Requirement
All lines in the data bearing the string "spatial" should be identified and copied.

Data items

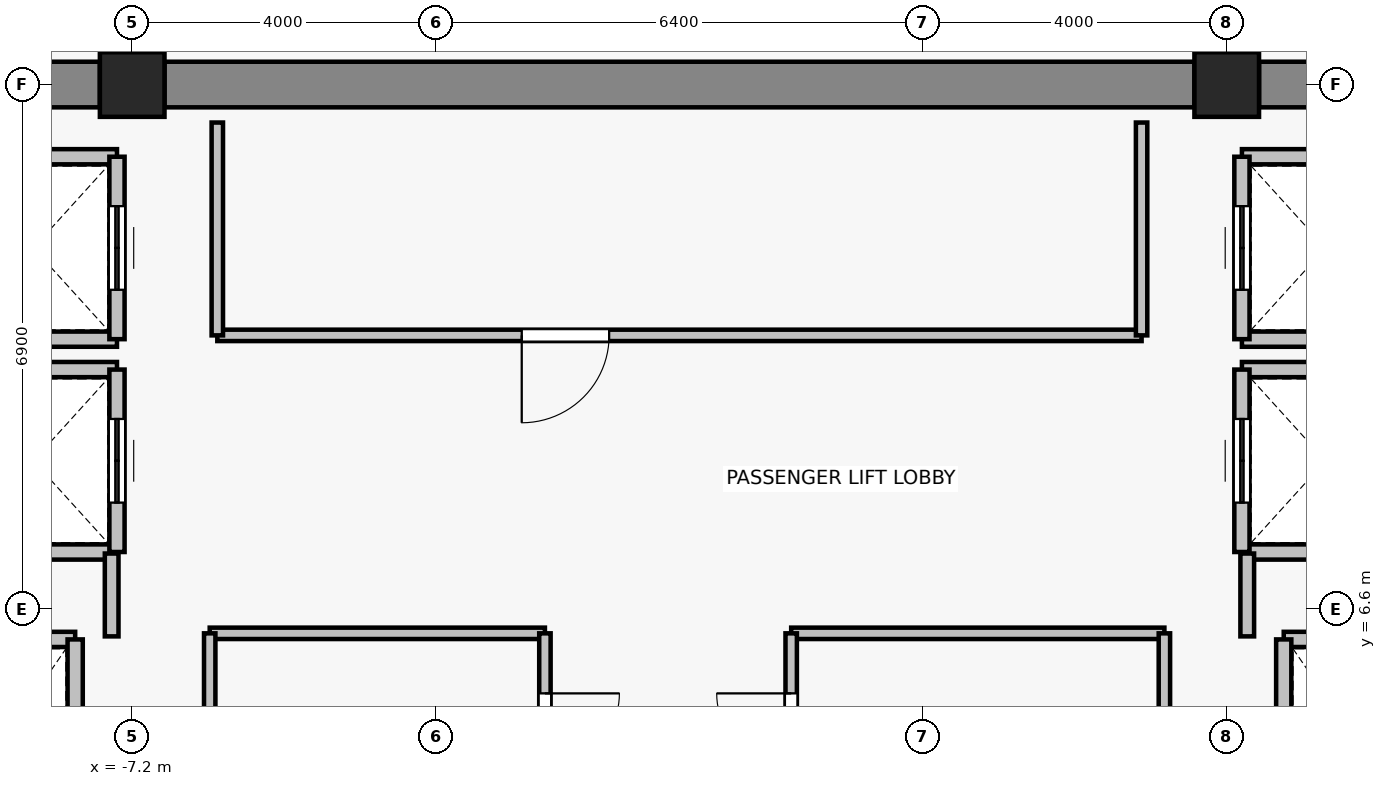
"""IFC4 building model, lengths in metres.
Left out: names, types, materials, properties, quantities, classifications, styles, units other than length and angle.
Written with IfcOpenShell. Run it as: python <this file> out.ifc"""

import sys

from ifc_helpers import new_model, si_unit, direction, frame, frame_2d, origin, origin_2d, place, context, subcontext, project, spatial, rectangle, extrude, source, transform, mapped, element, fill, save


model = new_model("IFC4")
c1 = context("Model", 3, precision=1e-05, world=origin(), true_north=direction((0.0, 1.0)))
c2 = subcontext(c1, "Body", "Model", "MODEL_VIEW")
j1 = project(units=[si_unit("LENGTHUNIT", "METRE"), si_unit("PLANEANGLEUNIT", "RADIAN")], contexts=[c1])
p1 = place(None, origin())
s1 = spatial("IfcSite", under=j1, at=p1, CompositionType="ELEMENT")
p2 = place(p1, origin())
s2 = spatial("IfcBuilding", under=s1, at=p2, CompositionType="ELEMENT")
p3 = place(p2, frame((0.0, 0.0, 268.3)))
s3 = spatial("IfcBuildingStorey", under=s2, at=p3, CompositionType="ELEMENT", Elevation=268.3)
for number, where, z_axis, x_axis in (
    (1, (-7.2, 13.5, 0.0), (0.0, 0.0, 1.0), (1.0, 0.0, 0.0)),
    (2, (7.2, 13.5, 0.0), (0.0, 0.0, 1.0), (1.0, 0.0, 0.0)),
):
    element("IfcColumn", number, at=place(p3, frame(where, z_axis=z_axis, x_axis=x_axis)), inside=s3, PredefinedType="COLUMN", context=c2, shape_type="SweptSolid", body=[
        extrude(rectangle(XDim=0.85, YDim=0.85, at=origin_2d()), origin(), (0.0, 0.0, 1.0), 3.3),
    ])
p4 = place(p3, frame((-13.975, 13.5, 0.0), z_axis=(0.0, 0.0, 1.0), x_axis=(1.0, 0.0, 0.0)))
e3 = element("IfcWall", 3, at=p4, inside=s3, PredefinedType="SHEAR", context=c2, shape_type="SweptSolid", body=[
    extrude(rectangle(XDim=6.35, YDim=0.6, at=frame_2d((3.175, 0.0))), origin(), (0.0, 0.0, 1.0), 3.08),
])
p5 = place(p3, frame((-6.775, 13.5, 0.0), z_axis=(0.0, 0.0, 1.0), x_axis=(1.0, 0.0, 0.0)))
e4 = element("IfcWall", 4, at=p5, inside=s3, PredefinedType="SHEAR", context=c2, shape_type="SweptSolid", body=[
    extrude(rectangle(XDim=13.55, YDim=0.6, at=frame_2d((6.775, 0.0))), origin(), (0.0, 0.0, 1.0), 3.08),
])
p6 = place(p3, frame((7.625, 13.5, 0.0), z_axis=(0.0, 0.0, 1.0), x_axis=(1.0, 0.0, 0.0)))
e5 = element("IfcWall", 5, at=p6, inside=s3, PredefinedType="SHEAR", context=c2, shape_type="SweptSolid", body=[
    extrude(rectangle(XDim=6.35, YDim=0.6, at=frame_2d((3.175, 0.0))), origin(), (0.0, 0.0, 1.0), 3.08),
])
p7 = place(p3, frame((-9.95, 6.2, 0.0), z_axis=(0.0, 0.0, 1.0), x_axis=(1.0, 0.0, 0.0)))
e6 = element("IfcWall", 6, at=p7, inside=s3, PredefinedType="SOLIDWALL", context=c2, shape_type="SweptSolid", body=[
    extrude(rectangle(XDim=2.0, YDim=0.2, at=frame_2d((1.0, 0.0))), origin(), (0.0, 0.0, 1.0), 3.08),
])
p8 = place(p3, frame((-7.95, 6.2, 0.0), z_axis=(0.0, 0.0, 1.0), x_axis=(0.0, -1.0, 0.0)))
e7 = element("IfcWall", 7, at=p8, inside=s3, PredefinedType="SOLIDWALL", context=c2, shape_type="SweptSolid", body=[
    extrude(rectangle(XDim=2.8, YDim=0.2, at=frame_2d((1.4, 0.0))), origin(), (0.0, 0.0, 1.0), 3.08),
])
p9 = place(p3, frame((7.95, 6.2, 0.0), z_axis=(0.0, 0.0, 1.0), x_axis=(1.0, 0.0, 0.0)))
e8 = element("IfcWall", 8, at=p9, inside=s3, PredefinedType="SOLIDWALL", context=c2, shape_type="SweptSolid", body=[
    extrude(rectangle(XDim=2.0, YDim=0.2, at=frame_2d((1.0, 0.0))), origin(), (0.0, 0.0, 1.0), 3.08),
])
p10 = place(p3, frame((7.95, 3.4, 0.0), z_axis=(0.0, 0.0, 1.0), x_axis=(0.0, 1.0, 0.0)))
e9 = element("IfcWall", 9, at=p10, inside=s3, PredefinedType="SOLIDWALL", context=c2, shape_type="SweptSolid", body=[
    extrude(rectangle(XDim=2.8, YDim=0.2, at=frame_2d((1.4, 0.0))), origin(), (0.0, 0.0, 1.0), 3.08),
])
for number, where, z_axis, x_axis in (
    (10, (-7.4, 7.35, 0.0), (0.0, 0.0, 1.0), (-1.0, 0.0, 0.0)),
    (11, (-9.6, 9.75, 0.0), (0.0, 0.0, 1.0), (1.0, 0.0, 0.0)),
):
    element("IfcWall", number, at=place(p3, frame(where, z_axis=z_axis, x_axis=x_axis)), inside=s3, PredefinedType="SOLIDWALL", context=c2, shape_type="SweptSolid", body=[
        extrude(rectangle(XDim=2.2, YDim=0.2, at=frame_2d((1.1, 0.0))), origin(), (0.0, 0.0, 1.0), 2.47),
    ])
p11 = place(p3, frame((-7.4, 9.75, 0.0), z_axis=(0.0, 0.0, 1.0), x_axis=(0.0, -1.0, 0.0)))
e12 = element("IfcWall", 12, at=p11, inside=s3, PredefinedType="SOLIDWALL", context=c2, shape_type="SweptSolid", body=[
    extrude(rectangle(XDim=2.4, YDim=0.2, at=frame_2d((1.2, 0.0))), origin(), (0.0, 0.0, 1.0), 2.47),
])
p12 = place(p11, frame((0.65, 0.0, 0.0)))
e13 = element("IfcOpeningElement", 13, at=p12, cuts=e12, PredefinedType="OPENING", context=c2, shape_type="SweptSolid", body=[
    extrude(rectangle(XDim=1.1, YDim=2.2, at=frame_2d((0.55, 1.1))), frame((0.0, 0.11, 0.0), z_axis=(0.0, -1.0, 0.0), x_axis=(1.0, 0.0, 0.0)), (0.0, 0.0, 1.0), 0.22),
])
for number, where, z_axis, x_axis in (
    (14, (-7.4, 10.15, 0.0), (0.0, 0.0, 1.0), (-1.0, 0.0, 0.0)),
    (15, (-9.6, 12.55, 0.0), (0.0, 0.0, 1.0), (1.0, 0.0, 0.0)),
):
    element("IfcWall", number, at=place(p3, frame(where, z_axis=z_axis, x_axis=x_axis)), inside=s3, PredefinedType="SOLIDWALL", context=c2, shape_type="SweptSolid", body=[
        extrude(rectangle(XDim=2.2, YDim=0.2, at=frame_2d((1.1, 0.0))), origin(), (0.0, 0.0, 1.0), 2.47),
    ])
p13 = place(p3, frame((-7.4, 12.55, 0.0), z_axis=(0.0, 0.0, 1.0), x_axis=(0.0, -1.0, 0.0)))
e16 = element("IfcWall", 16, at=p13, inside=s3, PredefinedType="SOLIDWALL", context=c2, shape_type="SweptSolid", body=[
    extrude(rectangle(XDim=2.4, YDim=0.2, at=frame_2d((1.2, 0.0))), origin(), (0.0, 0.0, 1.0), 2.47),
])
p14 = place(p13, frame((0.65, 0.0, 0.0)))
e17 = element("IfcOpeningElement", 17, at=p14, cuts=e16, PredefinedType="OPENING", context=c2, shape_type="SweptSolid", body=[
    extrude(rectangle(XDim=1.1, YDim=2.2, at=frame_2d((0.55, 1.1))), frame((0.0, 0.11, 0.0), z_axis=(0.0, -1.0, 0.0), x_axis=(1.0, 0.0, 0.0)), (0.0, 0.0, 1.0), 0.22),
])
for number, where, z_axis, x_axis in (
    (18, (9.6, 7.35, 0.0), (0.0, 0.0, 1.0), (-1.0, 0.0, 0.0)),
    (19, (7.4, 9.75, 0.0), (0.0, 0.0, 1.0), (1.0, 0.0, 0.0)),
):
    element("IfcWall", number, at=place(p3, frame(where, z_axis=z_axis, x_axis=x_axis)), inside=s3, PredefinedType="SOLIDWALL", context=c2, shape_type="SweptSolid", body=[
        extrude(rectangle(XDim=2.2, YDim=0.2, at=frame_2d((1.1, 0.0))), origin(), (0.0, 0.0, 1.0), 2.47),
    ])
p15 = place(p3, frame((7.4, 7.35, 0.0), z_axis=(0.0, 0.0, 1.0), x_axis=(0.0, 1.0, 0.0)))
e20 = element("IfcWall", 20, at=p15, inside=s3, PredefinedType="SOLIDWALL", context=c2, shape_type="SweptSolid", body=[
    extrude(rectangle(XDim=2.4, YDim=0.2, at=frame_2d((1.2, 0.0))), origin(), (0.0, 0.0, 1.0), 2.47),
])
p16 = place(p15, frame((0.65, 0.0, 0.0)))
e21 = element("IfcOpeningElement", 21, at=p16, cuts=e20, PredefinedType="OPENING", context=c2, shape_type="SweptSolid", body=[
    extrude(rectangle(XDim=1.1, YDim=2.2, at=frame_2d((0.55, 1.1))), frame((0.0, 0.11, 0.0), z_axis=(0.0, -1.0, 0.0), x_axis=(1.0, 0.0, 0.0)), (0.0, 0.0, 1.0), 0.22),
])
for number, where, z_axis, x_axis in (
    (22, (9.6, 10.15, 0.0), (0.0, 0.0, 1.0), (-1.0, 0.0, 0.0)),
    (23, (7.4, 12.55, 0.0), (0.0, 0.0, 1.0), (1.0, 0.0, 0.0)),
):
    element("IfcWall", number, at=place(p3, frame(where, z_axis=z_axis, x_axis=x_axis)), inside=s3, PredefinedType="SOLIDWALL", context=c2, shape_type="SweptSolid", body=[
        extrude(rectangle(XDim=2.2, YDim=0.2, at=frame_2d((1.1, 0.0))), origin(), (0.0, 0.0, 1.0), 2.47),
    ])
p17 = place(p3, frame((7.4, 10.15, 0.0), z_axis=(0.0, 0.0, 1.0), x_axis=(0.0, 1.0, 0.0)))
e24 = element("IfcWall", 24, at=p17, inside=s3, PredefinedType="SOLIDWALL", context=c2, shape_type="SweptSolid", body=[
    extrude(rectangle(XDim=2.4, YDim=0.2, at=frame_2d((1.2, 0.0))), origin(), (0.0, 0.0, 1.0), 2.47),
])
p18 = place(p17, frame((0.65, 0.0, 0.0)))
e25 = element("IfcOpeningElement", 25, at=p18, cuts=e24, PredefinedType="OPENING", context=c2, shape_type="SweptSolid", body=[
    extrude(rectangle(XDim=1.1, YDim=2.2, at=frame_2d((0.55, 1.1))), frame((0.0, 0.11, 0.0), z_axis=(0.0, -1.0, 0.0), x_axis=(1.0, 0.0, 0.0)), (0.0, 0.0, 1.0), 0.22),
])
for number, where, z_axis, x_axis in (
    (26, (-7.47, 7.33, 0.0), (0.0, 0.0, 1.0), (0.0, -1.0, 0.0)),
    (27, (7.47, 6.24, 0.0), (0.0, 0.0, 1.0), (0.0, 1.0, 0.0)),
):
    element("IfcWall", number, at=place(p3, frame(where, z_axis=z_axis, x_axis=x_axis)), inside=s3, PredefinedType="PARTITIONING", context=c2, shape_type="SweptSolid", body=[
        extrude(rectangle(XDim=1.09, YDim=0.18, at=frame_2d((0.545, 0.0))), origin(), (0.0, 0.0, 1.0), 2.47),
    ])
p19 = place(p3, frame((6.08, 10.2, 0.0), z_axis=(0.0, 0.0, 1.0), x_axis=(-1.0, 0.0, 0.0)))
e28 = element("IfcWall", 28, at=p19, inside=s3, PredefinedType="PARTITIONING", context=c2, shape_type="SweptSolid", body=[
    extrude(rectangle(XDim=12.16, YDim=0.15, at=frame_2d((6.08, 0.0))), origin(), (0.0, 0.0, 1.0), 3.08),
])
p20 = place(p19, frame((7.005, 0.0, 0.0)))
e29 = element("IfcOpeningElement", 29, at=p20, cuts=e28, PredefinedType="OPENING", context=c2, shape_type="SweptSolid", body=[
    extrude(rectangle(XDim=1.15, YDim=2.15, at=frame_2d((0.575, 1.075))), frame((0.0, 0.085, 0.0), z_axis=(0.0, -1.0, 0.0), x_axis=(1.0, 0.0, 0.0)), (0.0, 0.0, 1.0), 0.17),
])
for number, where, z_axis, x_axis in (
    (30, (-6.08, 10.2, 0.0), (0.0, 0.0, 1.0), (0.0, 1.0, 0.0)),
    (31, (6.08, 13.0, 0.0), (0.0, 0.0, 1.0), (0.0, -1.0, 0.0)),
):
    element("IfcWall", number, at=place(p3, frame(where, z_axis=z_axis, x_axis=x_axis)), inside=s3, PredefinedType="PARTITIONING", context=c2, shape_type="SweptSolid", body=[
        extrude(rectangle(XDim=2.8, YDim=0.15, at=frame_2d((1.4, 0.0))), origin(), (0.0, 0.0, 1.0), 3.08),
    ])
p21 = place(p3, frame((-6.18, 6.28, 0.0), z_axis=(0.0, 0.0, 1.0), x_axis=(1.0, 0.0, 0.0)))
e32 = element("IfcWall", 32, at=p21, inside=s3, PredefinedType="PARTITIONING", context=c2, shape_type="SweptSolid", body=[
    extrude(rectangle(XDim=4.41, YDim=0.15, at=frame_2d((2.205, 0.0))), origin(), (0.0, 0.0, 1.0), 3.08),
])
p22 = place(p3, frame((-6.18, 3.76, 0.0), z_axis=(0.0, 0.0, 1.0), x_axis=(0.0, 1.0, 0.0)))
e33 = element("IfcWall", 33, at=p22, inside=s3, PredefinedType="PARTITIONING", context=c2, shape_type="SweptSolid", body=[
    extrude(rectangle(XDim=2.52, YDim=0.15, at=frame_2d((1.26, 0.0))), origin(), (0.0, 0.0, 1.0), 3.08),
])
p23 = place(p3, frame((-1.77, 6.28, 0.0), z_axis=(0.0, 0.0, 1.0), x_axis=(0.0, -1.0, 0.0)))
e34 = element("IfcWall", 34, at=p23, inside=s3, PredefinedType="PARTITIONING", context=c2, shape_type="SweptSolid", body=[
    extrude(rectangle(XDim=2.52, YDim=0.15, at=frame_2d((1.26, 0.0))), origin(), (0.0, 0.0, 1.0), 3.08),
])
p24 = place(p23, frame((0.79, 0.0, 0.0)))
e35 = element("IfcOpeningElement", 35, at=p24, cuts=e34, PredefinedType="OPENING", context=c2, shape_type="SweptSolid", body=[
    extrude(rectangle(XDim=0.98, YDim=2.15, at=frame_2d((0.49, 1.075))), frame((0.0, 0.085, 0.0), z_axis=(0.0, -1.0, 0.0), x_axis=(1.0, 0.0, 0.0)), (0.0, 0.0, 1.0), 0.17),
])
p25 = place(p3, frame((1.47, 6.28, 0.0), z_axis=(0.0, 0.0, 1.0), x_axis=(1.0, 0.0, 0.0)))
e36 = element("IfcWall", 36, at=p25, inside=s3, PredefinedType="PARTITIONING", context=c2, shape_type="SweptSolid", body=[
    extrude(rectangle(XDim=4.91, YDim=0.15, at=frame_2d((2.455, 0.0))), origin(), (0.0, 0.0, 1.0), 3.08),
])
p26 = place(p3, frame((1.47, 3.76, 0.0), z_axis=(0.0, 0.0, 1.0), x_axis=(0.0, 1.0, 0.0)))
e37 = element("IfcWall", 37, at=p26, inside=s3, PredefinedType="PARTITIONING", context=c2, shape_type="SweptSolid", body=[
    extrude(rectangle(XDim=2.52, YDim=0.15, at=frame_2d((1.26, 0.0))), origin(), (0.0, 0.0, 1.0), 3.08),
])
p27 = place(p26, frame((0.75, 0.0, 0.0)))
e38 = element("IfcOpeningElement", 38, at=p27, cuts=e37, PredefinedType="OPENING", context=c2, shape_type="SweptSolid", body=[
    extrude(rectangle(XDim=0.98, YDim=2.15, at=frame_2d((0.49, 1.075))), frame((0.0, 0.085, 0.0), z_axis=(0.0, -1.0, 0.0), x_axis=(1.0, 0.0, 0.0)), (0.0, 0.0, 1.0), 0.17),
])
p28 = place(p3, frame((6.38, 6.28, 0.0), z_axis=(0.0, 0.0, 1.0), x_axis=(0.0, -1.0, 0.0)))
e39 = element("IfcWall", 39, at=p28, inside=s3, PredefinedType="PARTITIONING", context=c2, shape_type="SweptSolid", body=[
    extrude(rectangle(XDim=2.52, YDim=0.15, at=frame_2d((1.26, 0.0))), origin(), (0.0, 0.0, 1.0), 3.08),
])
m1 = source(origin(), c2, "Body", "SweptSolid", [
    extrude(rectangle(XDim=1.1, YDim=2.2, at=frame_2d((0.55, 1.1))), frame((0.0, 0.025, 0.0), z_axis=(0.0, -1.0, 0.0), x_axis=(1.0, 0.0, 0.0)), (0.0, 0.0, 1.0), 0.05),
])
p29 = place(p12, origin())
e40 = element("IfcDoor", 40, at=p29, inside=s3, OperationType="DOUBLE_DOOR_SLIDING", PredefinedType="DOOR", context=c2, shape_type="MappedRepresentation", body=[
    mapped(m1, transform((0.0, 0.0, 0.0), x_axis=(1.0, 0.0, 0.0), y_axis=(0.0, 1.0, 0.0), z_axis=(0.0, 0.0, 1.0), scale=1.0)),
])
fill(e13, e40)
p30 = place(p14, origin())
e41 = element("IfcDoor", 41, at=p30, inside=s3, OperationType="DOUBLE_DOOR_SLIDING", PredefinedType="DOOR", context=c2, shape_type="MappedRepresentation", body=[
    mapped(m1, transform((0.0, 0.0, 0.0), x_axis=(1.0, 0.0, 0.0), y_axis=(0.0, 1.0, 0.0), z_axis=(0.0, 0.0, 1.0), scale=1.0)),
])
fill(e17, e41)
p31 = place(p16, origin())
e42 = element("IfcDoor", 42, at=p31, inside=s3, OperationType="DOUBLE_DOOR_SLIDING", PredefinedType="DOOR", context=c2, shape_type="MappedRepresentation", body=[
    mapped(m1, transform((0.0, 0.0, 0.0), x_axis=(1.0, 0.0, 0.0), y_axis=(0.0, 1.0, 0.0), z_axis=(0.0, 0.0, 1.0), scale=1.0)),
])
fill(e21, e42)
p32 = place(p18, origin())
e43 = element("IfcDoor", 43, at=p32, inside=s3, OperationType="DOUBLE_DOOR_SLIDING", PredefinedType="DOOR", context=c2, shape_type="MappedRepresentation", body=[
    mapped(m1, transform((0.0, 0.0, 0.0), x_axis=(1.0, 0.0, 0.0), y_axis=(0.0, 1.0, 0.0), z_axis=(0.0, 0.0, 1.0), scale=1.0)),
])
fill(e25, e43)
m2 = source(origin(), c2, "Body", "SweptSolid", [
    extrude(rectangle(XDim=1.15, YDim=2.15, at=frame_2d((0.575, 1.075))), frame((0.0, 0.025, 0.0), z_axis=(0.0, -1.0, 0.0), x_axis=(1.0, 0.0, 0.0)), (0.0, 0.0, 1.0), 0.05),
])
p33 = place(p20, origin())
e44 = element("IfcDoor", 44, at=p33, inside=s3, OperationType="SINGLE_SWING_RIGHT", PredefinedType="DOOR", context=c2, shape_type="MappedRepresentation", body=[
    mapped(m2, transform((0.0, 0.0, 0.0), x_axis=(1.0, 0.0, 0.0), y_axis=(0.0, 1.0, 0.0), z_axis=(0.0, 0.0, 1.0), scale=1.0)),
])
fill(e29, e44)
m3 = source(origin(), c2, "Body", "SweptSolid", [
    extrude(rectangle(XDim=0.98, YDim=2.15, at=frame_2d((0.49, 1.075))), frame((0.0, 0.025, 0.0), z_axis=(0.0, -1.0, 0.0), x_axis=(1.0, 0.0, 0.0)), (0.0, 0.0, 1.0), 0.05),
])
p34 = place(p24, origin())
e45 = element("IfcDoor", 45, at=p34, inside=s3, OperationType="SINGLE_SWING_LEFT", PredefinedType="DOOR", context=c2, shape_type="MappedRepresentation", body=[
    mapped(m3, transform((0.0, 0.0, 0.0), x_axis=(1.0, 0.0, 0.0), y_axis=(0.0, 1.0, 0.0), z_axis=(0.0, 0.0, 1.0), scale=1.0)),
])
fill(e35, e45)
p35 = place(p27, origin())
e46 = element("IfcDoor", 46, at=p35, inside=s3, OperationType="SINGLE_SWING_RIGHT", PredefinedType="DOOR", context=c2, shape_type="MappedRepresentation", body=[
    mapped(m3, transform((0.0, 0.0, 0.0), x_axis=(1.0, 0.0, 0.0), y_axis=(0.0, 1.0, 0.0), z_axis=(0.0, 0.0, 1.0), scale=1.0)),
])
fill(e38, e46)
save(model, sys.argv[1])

Written reply
from ifc_helpers import new_model, si_unit, direction, frame, frame_2d, origin, origin_2d, place, context, subcontext, project, spatial, rectangle, extrude, source, transform, mapped, element, fill, save
s1 = spatial("IfcSite", under=j1, at=p1, CompositionType="ELEMENT")
s2 = spatial("IfcBuilding", under=s1, at=p2, CompositionType="ELEMENT")
s3 = spatial("IfcBuildingStorey", under=s2, at=p3, CompositionType="ELEMENT", Elevation=268.3)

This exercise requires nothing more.